Brief:
Without the pictures, give the entries below again exactly as written.

Collected data entries
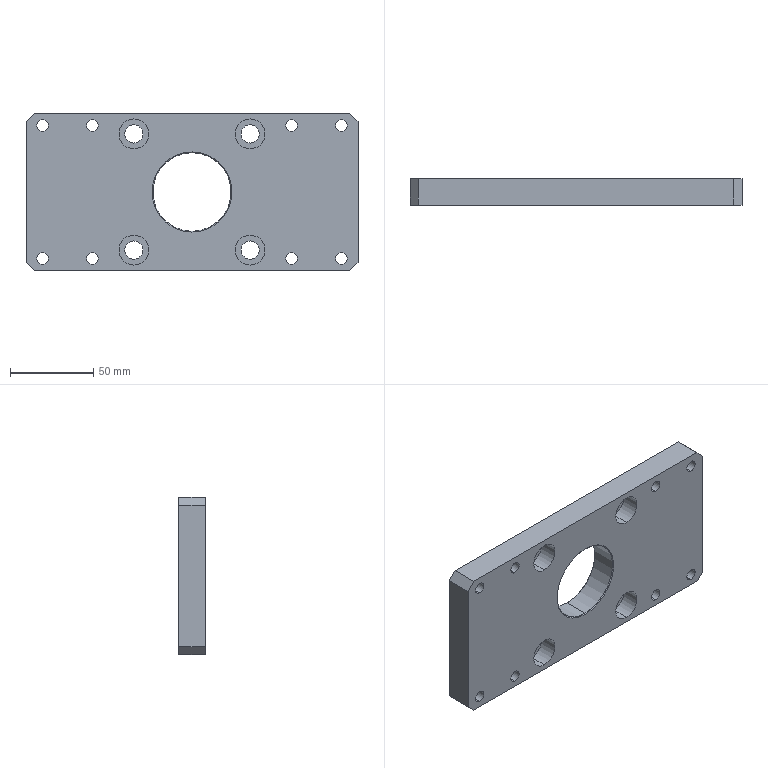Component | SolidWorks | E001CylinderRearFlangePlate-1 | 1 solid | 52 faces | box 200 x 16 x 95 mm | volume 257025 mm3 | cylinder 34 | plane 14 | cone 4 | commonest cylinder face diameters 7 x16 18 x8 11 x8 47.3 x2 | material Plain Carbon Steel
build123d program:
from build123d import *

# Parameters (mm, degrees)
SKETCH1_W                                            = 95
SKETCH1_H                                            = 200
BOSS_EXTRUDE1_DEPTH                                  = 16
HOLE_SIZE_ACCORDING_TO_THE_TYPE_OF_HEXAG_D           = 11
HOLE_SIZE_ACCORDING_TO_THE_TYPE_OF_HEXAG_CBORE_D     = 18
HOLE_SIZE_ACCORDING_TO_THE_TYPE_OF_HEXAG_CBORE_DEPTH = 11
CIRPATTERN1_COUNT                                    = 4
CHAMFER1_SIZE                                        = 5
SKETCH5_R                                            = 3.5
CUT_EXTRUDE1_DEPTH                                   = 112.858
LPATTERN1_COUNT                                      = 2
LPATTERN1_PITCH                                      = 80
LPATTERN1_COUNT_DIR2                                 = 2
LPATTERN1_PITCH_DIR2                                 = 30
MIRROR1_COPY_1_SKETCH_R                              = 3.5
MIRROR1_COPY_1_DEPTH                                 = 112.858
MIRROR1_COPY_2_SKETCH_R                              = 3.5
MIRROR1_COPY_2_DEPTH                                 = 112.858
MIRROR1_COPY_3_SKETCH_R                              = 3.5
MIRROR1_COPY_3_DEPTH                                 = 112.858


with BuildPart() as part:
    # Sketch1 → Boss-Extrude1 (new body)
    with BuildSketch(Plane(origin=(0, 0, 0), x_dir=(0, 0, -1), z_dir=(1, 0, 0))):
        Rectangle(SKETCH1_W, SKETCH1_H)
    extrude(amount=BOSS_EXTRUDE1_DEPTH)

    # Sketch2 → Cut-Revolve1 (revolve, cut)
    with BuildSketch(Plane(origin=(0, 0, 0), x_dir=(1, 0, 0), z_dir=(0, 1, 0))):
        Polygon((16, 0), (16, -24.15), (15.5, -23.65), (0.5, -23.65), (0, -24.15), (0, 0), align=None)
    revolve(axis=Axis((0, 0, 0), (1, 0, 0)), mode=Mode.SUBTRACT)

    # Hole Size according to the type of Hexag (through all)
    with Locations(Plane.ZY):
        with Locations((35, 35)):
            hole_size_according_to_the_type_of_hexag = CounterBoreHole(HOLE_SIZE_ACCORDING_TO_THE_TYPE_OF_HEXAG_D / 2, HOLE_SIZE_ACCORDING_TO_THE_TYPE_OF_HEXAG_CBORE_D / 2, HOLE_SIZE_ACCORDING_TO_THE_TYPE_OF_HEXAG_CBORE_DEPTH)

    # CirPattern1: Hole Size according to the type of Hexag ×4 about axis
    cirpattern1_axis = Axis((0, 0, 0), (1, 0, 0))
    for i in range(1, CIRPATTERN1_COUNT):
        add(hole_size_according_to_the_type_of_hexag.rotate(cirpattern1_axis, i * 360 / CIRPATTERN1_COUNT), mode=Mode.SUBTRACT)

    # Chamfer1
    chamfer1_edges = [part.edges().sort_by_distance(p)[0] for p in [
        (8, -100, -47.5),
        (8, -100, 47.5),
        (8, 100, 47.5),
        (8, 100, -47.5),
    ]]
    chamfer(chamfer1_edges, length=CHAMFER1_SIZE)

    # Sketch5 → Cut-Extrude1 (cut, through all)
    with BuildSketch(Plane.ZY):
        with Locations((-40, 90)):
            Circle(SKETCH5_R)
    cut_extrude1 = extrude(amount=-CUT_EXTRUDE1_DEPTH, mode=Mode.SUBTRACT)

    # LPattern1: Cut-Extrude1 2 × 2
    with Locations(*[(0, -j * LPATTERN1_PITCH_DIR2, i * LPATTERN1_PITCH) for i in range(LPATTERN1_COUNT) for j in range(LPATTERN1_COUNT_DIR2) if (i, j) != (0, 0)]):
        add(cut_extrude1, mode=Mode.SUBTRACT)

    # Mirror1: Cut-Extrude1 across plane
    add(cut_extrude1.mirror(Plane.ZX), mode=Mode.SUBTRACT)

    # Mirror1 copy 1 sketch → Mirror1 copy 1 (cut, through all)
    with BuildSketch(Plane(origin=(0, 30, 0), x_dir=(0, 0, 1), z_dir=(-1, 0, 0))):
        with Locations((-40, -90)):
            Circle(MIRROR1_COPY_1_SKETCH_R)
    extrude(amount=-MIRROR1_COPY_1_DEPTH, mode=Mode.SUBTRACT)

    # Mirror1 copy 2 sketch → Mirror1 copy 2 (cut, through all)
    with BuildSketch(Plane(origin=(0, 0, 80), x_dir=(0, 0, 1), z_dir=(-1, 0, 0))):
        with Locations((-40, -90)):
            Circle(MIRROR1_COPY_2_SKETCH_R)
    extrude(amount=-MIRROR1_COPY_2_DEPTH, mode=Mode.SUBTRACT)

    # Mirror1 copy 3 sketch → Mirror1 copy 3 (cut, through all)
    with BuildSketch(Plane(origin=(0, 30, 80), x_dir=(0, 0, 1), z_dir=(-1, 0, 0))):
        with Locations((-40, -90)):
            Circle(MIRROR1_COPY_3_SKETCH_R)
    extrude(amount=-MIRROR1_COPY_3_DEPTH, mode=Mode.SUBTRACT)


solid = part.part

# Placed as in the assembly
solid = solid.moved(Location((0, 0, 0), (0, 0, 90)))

Response for this exercise:
Component | SolidWorks | E001CylinderRearFlangePlate-1 | 1 solid | 52 faces | box 200 x 16 x 95 mm | volume 257025 mm3 | cylinder 34 | plane 14 | cone 4 | commonest cylinder face diameters 7 x16 18 x8 11 x8 47.3 x2 | material Plain Carbon Steel
build123d program:
from build123d import *

# Parameters (mm, degrees)
SKETCH1_W                                            = 95
SKETCH1_H                                            = 200
BOSS_EXTRUDE1_DEPTH                                  = 16
HOLE_SIZE_ACCORDING_TO_THE_TYPE_OF_HEXAG_D           = 11
HOLE_SIZE_ACCORDING_TO_THE_TYPE_OF_HEXAG_CBORE_D     = 18
HOLE_SIZE_ACCORDING_TO_THE_TYPE_OF_HEXAG_CBORE_DEPTH = 11
CIRPATTERN1_COUNT                                    = 4
CHAMFER1_SIZE                                        = 5
SKETCH5_R                                            = 3.5
CUT_EXTRUDE1_DEPTH                                   = 112.858
LPATTERN1_COUNT                                      = 2
LPATTERN1_PITCH                                      = 80
LPATTERN1_COUNT_DIR2                                 = 2
LPATTERN1_PITCH_DIR2                                 = 30
MIRROR1_COPY_1_SKETCH_R                              = 3.5
MIRROR1_COPY_1_DEPTH                                 = 112.858
MIRROR1_COPY_2_SKETCH_R                              = 3.5
MIRROR1_COPY_2_DEPTH                                 = 112.858
MIRROR1_COPY_3_SKETCH_R                              = 3.5
MIRROR1_COPY_3_DEPTH                                 = 112.858


with BuildPart() as part:
    # Sketch1 → Boss-Extrude1 (new body)
    with BuildSketch(Plane(origin=(0, 0, 0), x_dir=(0, 0, -1), z_dir=(1, 0, 0))):
        Rectangle(SKETCH1_W, SKETCH1_H)
    extrude(amount=BOSS_EXTRUDE1_DEPTH)

    # Sketch2 → Cut-Revolve1 (revolve, cut)
    with BuildSketch(Plane(origin=(0, 0, 0), x_dir=(1, 0, 0), z_dir=(0, 1, 0))):
        Polygon((16, 0), (16, -24.15), (15.5, -23.65), (0.5, -23.65), (0, -24.15), (0, 0), align=None)
    revolve(axis=Axis((0, 0, 0), (1, 0, 0)), mode=Mode.SUBTRACT)

    # Hole Size according to the type of Hexag (through all)
    with Locations(Plane.ZY):
        with Locations((35, 35)):
            hole_size_according_to_the_type_of_hexag = CounterBoreHole(HOLE_SIZE_ACCORDING_TO_THE_TYPE_OF_HEXAG_D / 2, HOLE_SIZE_ACCORDING_TO_THE_TYPE_OF_HEXAG_CBORE_D / 2, HOLE_SIZE_ACCORDING_TO_THE_TYPE_OF_HEXAG_CBORE_DEPTH)

    # CirPattern1: Hole Size according to the type of Hexag ×4 about axis
    cirpattern1_axis = Axis((0, 0, 0), (1, 0, 0))
    for i in range(1, CIRPATTERN1_COUNT):
        add(hole_size_according_to_the_type_of_hexag.rotate(cirpattern1_axis, i * 360 / CIRPATTERN1_COUNT), mode=Mode.SUBTRACT)

    # Chamfer1
    chamfer1_edges = [part.edges().sort_by_distance(p)[0] for p in [
        (8, -100, -47.5),
        (8, -100, 47.5),
        (8, 100, 47.5),
        (8, 100, -47.5),
    ]]
    chamfer(chamfer1_edges, length=CHAMFER1_SIZE)

    # Sketch5 → Cut-Extrude1 (cut, through all)
    with BuildSketch(Plane.ZY):
        with Locations((-40, 90)):
            Circle(SKETCH5_R)
    cut_extrude1 = extrude(amount=-CUT_EXTRUDE1_DEPTH, mode=Mode.SUBTRACT)

    # LPattern1: Cut-Extrude1 2 × 2
    with Locations(*[(0, -j * LPATTERN1_PITCH_DIR2, i * LPATTERN1_PITCH) for i in range(LPATTERN1_COUNT) for j in range(LPATTERN1_COUNT_DIR2) if (i, j) != (0, 0)]):
        add(cut_extrude1, mode=Mode.SUBTRACT)

    # Mirror1: Cut-Extrude1 across plane
    add(cut_extrude1.mirror(Plane.ZX), mode=Mode.SUBTRACT)

    # Mirror1 copy 1 sketch → Mirror1 copy 1 (cut, through all)
    with BuildSketch(Plane(origin=(0, 30, 0), x_dir=(0, 0, 1), z_dir=(-1, 0, 0))):
        with Locations((-40, -90)):
            Circle(MIRROR1_COPY_1_SKETCH_R)
    extrude(amount=-MIRROR1_COPY_1_DEPTH, mode=Mode.SUBTRACT)

    # Mirror1 copy 2 sketch → Mirror1 copy 2 (cut, through all)
    with BuildSketch(Plane(origin=(0, 0, 80), x_dir=(0, 0, 1), z_dir=(-1, 0, 0))):
        with Locations((-40, -90)):
            Circle(MIRROR1_COPY_2_SKETCH_R)
    extrude(amount=-MIRROR1_COPY_2_DEPTH, mode=Mode.SUBTRACT)

    # Mirror1 copy 3 sketch → Mirror1 copy 3 (cut, through all)
    with BuildSketch(Plane(origin=(0, 30, 80), x_dir=(0, 0, 1), z_dir=(-1, 0, 0))):
        with Locations((-40, -90)):
            Circle(MIRROR1_COPY_3_SKETCH_R)
    extrude(amount=-MIRROR1_COPY_3_DEPTH, mode=Mode.SUBTRACT)


solid = part.part

# Placed as in the assembly
solid = solid.moved(Location((0, 0, 0), (0, 0, 90)))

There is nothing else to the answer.